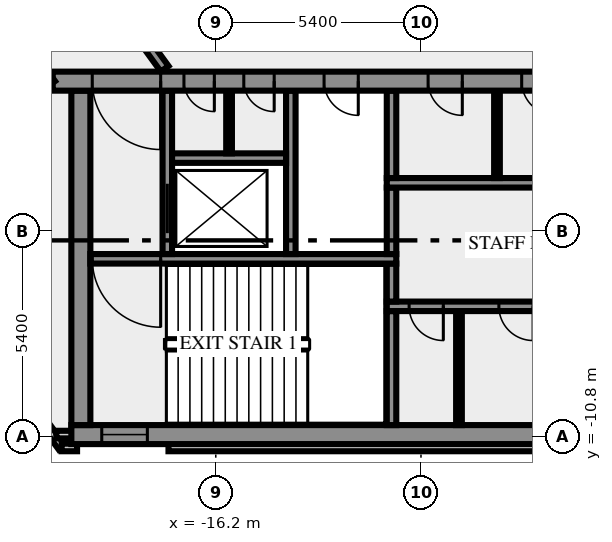
"""IFC4 building model, lengths in metres.
Left out: names, types, materials, properties, quantities, classifications, styles, units other than length and angle.
Written with IfcOpenShell. Run it as: python <this file> out.ifc"""

import sys

from ifc_helpers import new_model, si_unit, direction, frame, frame_2d, origin, place, context, subcontext, project, spatial, rectangle, extrude, element, fill, save


model = new_model("IFC4")
c1 = context("Model", 3, precision=1e-05, world=origin(), true_north=direction((0.0, 1.0)))
c2 = subcontext(c1, "Body", "Model", "MODEL_VIEW")
j1 = project(units=[si_unit("LENGTHUNIT", "METRE"), si_unit("PLANEANGLEUNIT", "RADIAN")], contexts=[c1])
p1 = place(None, origin())
s1 = spatial("IfcSite", under=j1, at=p1, CompositionType="ELEMENT")
p2 = place(p1, origin())
s2 = spatial("IfcBuilding", under=s1, at=p2, CompositionType="ELEMENT")
p3 = place(p2, frame((0.0, 0.0, 222.0)))
s3 = spatial("IfcBuildingStorey", under=s2, at=p3, CompositionType="ELEMENT", Elevation=222.0)
p4 = place(p3, frame((-21.833, -8.909, 0.0), z_axis=(0.0, 0.0, 1.0), x_axis=(0.587766567315, -0.809030569476, 0.0)))
e1 = element("IfcWall", 1, at=p4, inside=s3, PredefinedType="SOLIDWALL", context=c2, shape_type="SweptSolid", body=[
    extrude(rectangle(XDim=2.688, YDim=0.2, at=frame_2d((1.344, 0.0))), origin(), (0.0, 0.0, 1.0), 3.65),
])
p5 = place(p3, frame((-20.256, -11.088, 0.0), z_axis=(0.0, 0.0, 1.0), x_axis=(1.0, 0.0, 0.0)))
e2 = element("IfcWall", 2, at=p5, inside=s3, PredefinedType="SOLIDWALL", context=c2, shape_type="SweptSolid", body=[
    extrude(rectangle(XDim=0.406, YDim=0.2, at=frame_2d((0.203, 0.0))), origin(), (0.0, 0.0, 1.0), 3.65),
])
p6 = place(p3, frame((-17.444, -11.088, 0.0), z_axis=(0.0, 0.0, 1.0), x_axis=(1.0, 0.0, 0.0)))
e3 = element("IfcWall", 3, at=p6, inside=s3, PredefinedType="SOLIDWALL", context=c2, shape_type="SweptSolid", body=[
    extrude(rectangle(XDim=34.888, YDim=0.2, at=frame_2d((17.444, 0.0))), origin(), (0.0, 0.0, 1.0), 3.65),
])
p7 = place(p3, frame((-19.98, -10.75, 0.0), z_axis=(0.0, 0.0, 1.0), x_axis=(-1.0, 0.0, 0.0)))
e4 = element("IfcWall", 4, at=p7, inside=s3, PredefinedType="SOLIDWALL", context=c2, shape_type="SweptSolid", body=[
    extrude(rectangle(XDim=0.417, YDim=0.2, at=frame_2d((0.208, 0.0))), origin(), (0.0, 0.0, 1.0), 3.65),
])
p8 = place(p3, frame((-20.0, -10.75, 0.0), z_axis=(0.0, 0.0, 1.0), x_axis=(1.0, 0.0, 0.0)))
e5 = element("IfcWall", 5, at=p8, inside=s3, PredefinedType="SHEAR", context=c2, shape_type="SweptSolid", body=[
    extrude(rectangle(XDim=40.0, YDim=0.5, at=frame_2d((20.0, 0.0))), origin(), (0.0, 0.0, 1.0), 3.65),
])
p9 = place(p8, frame((0.8, 0.0, 1.0)))
e6 = element("IfcOpeningElement", 6, at=p9, cuts=e5, PredefinedType="OPENING", context=c2, shape_type="SweptSolid", body=[
    extrude(rectangle(XDim=1.2, YDim=1.2, at=frame_2d((0.6, 0.6))), frame((0.0, 0.26, 0.0), z_axis=(0.0, -1.0, 0.0), x_axis=(1.0, 0.0, 0.0)), (0.0, 0.0, 1.0), 0.52),
])
p10 = place(p8, frame((38.0, 0.0, 1.0)))
e7 = element("IfcOpeningElement", 7, at=p10, cuts=e5, PredefinedType="OPENING", context=c2, shape_type="SweptSolid", body=[
    extrude(rectangle(XDim=1.2, YDim=1.2, at=frame_2d((0.6, 0.6))), frame((0.0, 0.26, 0.0), z_axis=(0.0, -1.0, 0.0), x_axis=(1.0, 0.0, 0.0)), (0.0, 0.0, 1.0), 0.52),
])
p11 = place(p3, frame((-19.75, -10.5, 0.0), z_axis=(0.0, 0.0, 1.0), x_axis=(0.0, 1.0, 0.0)))
e8 = element("IfcWall", 8, at=p11, inside=s3, PredefinedType="SHEAR", context=c2, shape_type="SweptSolid", body=[
    extrude(rectangle(XDim=8.8, YDim=0.5, at=frame_2d((4.4, 0.0))), origin(), (0.0, 0.0, 1.0), 3.65),
])
p12 = place(p3, frame((-11.575, -10.5, 0.0), z_axis=(0.0, 0.0, 1.0), x_axis=(0.0, 1.0, 0.0)))
e9 = element("IfcWall", 9, at=p12, inside=s3, PredefinedType="SHEAR", context=c2, shape_type="SweptSolid", body=[
    extrude(rectangle(XDim=3.0, YDim=0.25, at=frame_2d((1.5, 0.0))), origin(), (0.0, 0.0, 1.0), 3.65),
])
p13 = place(p3, frame((-9.8, -10.5, 0.0), z_axis=(0.0, 0.0, 1.0), x_axis=(0.0, 1.0, 0.0)))
e10 = element("IfcWall", 10, at=p13, inside=s3, PredefinedType="PARTITIONING", context=c2, shape_type="SweptSolid", body=[
    extrude(rectangle(XDim=3.0, YDim=0.15, at=frame_2d((1.5, 0.0))), origin(), (0.0, 0.0, 1.0), 3.65),
])
p14 = place(p3, frame((11.7, -7.375, 0.0), z_axis=(0.0, 0.0, 1.0), x_axis=(-1.0, 0.0, 0.0)))
e11 = element("IfcWall", 11, at=p14, inside=s3, PredefinedType="SHEAR", context=c2, shape_type="SweptSolid", body=[
    extrude(rectangle(XDim=23.4, YDim=0.25, at=frame_2d((11.7, 0.0))), origin(), (0.0, 0.0, 1.0), 3.65),
])
p15 = place(p14, frame((21.912, 0.0, 0.0)))
e12 = element("IfcOpeningElement", 12, at=p15, cuts=e11, PredefinedType="OPENING", context=c2, shape_type="SweptSolid", body=[
    extrude(rectangle(XDim=0.9, YDim=2.1, at=frame_2d((0.45, 1.05))), frame((0.0, 0.135, 0.0), z_axis=(0.0, -1.0, 0.0), x_axis=(1.0, 0.0, 0.0)), (0.0, 0.0, 1.0), 0.27),
])
p16 = place(p14, frame((19.55, 0.0, 0.0)))
e13 = element("IfcOpeningElement", 13, at=p16, cuts=e11, PredefinedType="OPENING", context=c2, shape_type="SweptSolid", body=[
    extrude(rectangle(XDim=0.9, YDim=2.1, at=frame_2d((0.45, 1.05))), frame((0.0, 0.135, 0.0), z_axis=(0.0, -1.0, 0.0), x_axis=(1.0, 0.0, 0.0)), (0.0, 0.0, 1.0), 0.27),
])
p17 = place(p14, frame((16.688, 0.0, 0.0)))
e14 = element("IfcOpeningElement", 14, at=p17, cuts=e11, PredefinedType="OPENING", context=c2, shape_type="SweptSolid", body=[
    extrude(rectangle(XDim=0.9, YDim=2.1, at=frame_2d((0.45, 1.05))), frame((0.0, 0.135, 0.0), z_axis=(0.0, -1.0, 0.0), x_axis=(1.0, 0.0, 0.0)), (0.0, 0.0, 1.0), 0.27),
])
p18 = place(p14, frame((14.4, 0.0, 0.0)))
e15 = element("IfcOpeningElement", 15, at=p18, cuts=e11, PredefinedType="OPENING", context=c2, shape_type="SweptSolid", body=[
    extrude(rectangle(XDim=0.9, YDim=2.1, at=frame_2d((0.45, 1.05))), frame((0.0, 0.135, 0.0), z_axis=(0.0, -1.0, 0.0), x_axis=(1.0, 0.0, 0.0)), (0.0, 0.0, 1.0), 0.27),
])
p19 = place(p14, frame((12.5, 0.0, 0.0)))
e16 = element("IfcOpeningElement", 16, at=p19, cuts=e11, PredefinedType="OPENING", context=c2, shape_type="SweptSolid", body=[
    extrude(rectangle(XDim=0.9, YDim=2.1, at=frame_2d((0.45, 1.05))), frame((0.0, 0.135, 0.0), z_axis=(0.0, -1.0, 0.0), x_axis=(1.0, 0.0, 0.0)), (0.0, 0.0, 1.0), 0.27),
])
p20 = place(p14, frame((10.6, 0.0, 0.0)))
e17 = element("IfcOpeningElement", 17, at=p20, cuts=e11, PredefinedType="OPENING", context=c2, shape_type="SweptSolid", body=[
    extrude(rectangle(XDim=0.9, YDim=2.1, at=frame_2d((0.45, 1.05))), frame((0.0, 0.135, 0.0), z_axis=(0.0, -1.0, 0.0), x_axis=(1.0, 0.0, 0.0)), (0.0, 0.0, 1.0), 0.27),
])
p21 = place(p14, frame((8.35, 0.0, 0.0)))
e18 = element("IfcOpeningElement", 18, at=p21, cuts=e11, PredefinedType="OPENING", context=c2, shape_type="SweptSolid", body=[
    extrude(rectangle(XDim=1.1, YDim=2.1, at=frame_2d((0.55, 1.05))), frame((0.0, 0.135, 0.0), z_axis=(0.0, -1.0, 0.0), x_axis=(1.0, 0.0, 0.0)), (0.0, 0.0, 1.0), 0.27),
])
p22 = place(p14, frame((5.85, 0.0, 0.0)))
e19 = element("IfcOpeningElement", 19, at=p22, cuts=e11, PredefinedType="OPENING", context=c2, shape_type="SweptSolid", body=[
    extrude(rectangle(XDim=1.1, YDim=2.1, at=frame_2d((0.55, 1.05))), frame((0.0, 0.135, 0.0), z_axis=(0.0, -1.0, 0.0), x_axis=(1.0, 0.0, 0.0)), (0.0, 0.0, 1.0), 0.27),
])
p23 = place(p14, frame((3.35, 0.0, 0.0)))
e20 = element("IfcOpeningElement", 20, at=p23, cuts=e11, PredefinedType="OPENING", context=c2, shape_type="SweptSolid", body=[
    extrude(rectangle(XDim=1.1, YDim=2.1, at=frame_2d((0.55, 1.05))), frame((0.0, 0.135, 0.0), z_axis=(0.0, -1.0, 0.0), x_axis=(1.0, 0.0, 0.0)), (0.0, 0.0, 1.0), 0.27),
])
p24 = place(p14, frame((0.85, 0.0, 0.0)))
e21 = element("IfcOpeningElement", 21, at=p24, cuts=e11, PredefinedType="OPENING", context=c2, shape_type="SweptSolid", body=[
    extrude(rectangle(XDim=1.1, YDim=2.1, at=frame_2d((0.55, 1.05))), frame((0.0, 0.135, 0.0), z_axis=(0.0, -1.0, 0.0), x_axis=(1.0, 0.0, 0.0)), (0.0, 0.0, 1.0), 0.27),
])
p25 = place(p3, frame((-11.575, -7.25, 0.0), z_axis=(0.0, 0.0, 1.0), x_axis=(0.0, 1.0, 0.0)))
e22 = element("IfcWall", 22, at=p25, inside=s3, PredefinedType="SHEAR", context=c2, shape_type="SweptSolid", body=[
    extrude(rectangle(XDim=1.0, YDim=0.25, at=frame_2d((0.5, 0.0))), origin(), (0.0, 0.0, 1.0), 3.65),
])
p26 = place(p3, frame((-11.45, -6.125, 0.0), z_axis=(0.0, 0.0, 1.0), x_axis=(-1.0, 0.0, 0.0)))
e23 = element("IfcWall", 23, at=p26, inside=s3, PredefinedType="SHEAR", context=c2, shape_type="SweptSolid", body=[
    extrude(rectangle(XDim=8.05, YDim=0.25, at=frame_2d((4.025, 0.0))), origin(), (0.0, 0.0, 1.0), 3.65),
])
p27 = place(p26, frame((6.2, 0.0, 0.0)))
e24 = element("IfcOpeningElement", 24, at=p27, cuts=e23, PredefinedType="OPENING", context=c2, shape_type="SweptSolid", body=[
    extrude(rectangle(XDim=1.8, YDim=2.1, at=frame_2d((0.9, 1.05))), frame((0.0, 0.135, 0.0), z_axis=(0.0, -1.0, 0.0), x_axis=(1.0, 0.0, 0.0)), (0.0, 0.0, 1.0), 0.27),
])
p28 = place(p3, frame((-17.475, -6.0, 0.0), z_axis=(0.0, 0.0, 1.0), x_axis=(0.0, 1.0, 0.0)))
e25 = element("IfcWall", 25, at=p28, inside=s3, PredefinedType="SHEAR", context=c2, shape_type="SweptSolid", body=[
    extrude(rectangle(XDim=4.3, YDim=0.25, at=frame_2d((2.15, 0.0))), origin(), (0.0, 0.0, 1.0), 3.65),
])
p29 = place(p28, frame((0.55, 0.0, 0.0)))
e26 = element("IfcOpeningElement", 26, at=p29, cuts=e25, PredefinedType="OPENING", context=c2, shape_type="SweptSolid", body=[
    extrude(rectangle(XDim=1.3, YDim=2.1, at=frame_2d((0.65, 1.05))), frame((0.0, 0.135, 0.0), z_axis=(0.0, -1.0, 0.0), x_axis=(1.0, 0.0, 0.0)), (0.0, 0.0, 1.0), 0.27),
])
p30 = place(p3, frame((-14.225, -6.0, 0.0), z_axis=(0.0, 0.0, 1.0), x_axis=(0.0, 1.0, 0.0)))
e27 = element("IfcWall", 27, at=p30, inside=s3, PredefinedType="SHEAR", context=c2, shape_type="SweptSolid", body=[
    extrude(rectangle(XDim=4.3, YDim=0.25, at=frame_2d((2.15, 0.0))), origin(), (0.0, 0.0, 1.0), 3.65),
])
p31 = place(p3, frame((-11.575, -6.0, 0.0), z_axis=(0.0, 0.0, 1.0), x_axis=(0.0, 1.0, 0.0)))
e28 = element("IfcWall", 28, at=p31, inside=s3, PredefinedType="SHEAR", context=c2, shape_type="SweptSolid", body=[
· · · ·
Could you filter the material above and copy each line that holds the word "SHEAR"?

Answer space
e5 = element("IfcWall", 5, at=p8, inside=s3, PredefinedType="SHEAR", context=c2, shape_type="SweptSolid", body=[
e8 = element("IfcWall", 8, at=p11, inside=s3, PredefinedType="SHEAR", context=c2, shape_type="SweptSolid", body=[
e9 = element("IfcWall", 9, at=p12, inside=s3, PredefinedType="SHEAR", context=c2, shape_type="SweptSolid", body=[
e11 = element("IfcWall", 11, at=p14, inside=s3, PredefinedType="SHEAR", context=c2, shape_type="SweptSolid", body=[
e22 = element("IfcWall", 22, at=p25, inside=s3, PredefinedType="SHEAR", context=c2, shape_type="SweptSolid", body=[
e23 = element("IfcWall", 23, at=p26, inside=s3, PredefinedType="SHEAR", context=c2, shape_type="SweptSolid", body=[
e25 = element("IfcWall", 25, at=p28, inside=s3, PredefinedType="SHEAR", context=c2, shape_type="SweptSolid", body=[
e27 = element("IfcWall", 27, at=p30, inside=s3, PredefinedType="SHEAR", context=c2, shape_type="SweptSolid", body=[
e28 = element("IfcWall", 28, at=p31, inside=s3, PredefinedType="SHEAR", context=c2, shape_type="SweptSolid", body=[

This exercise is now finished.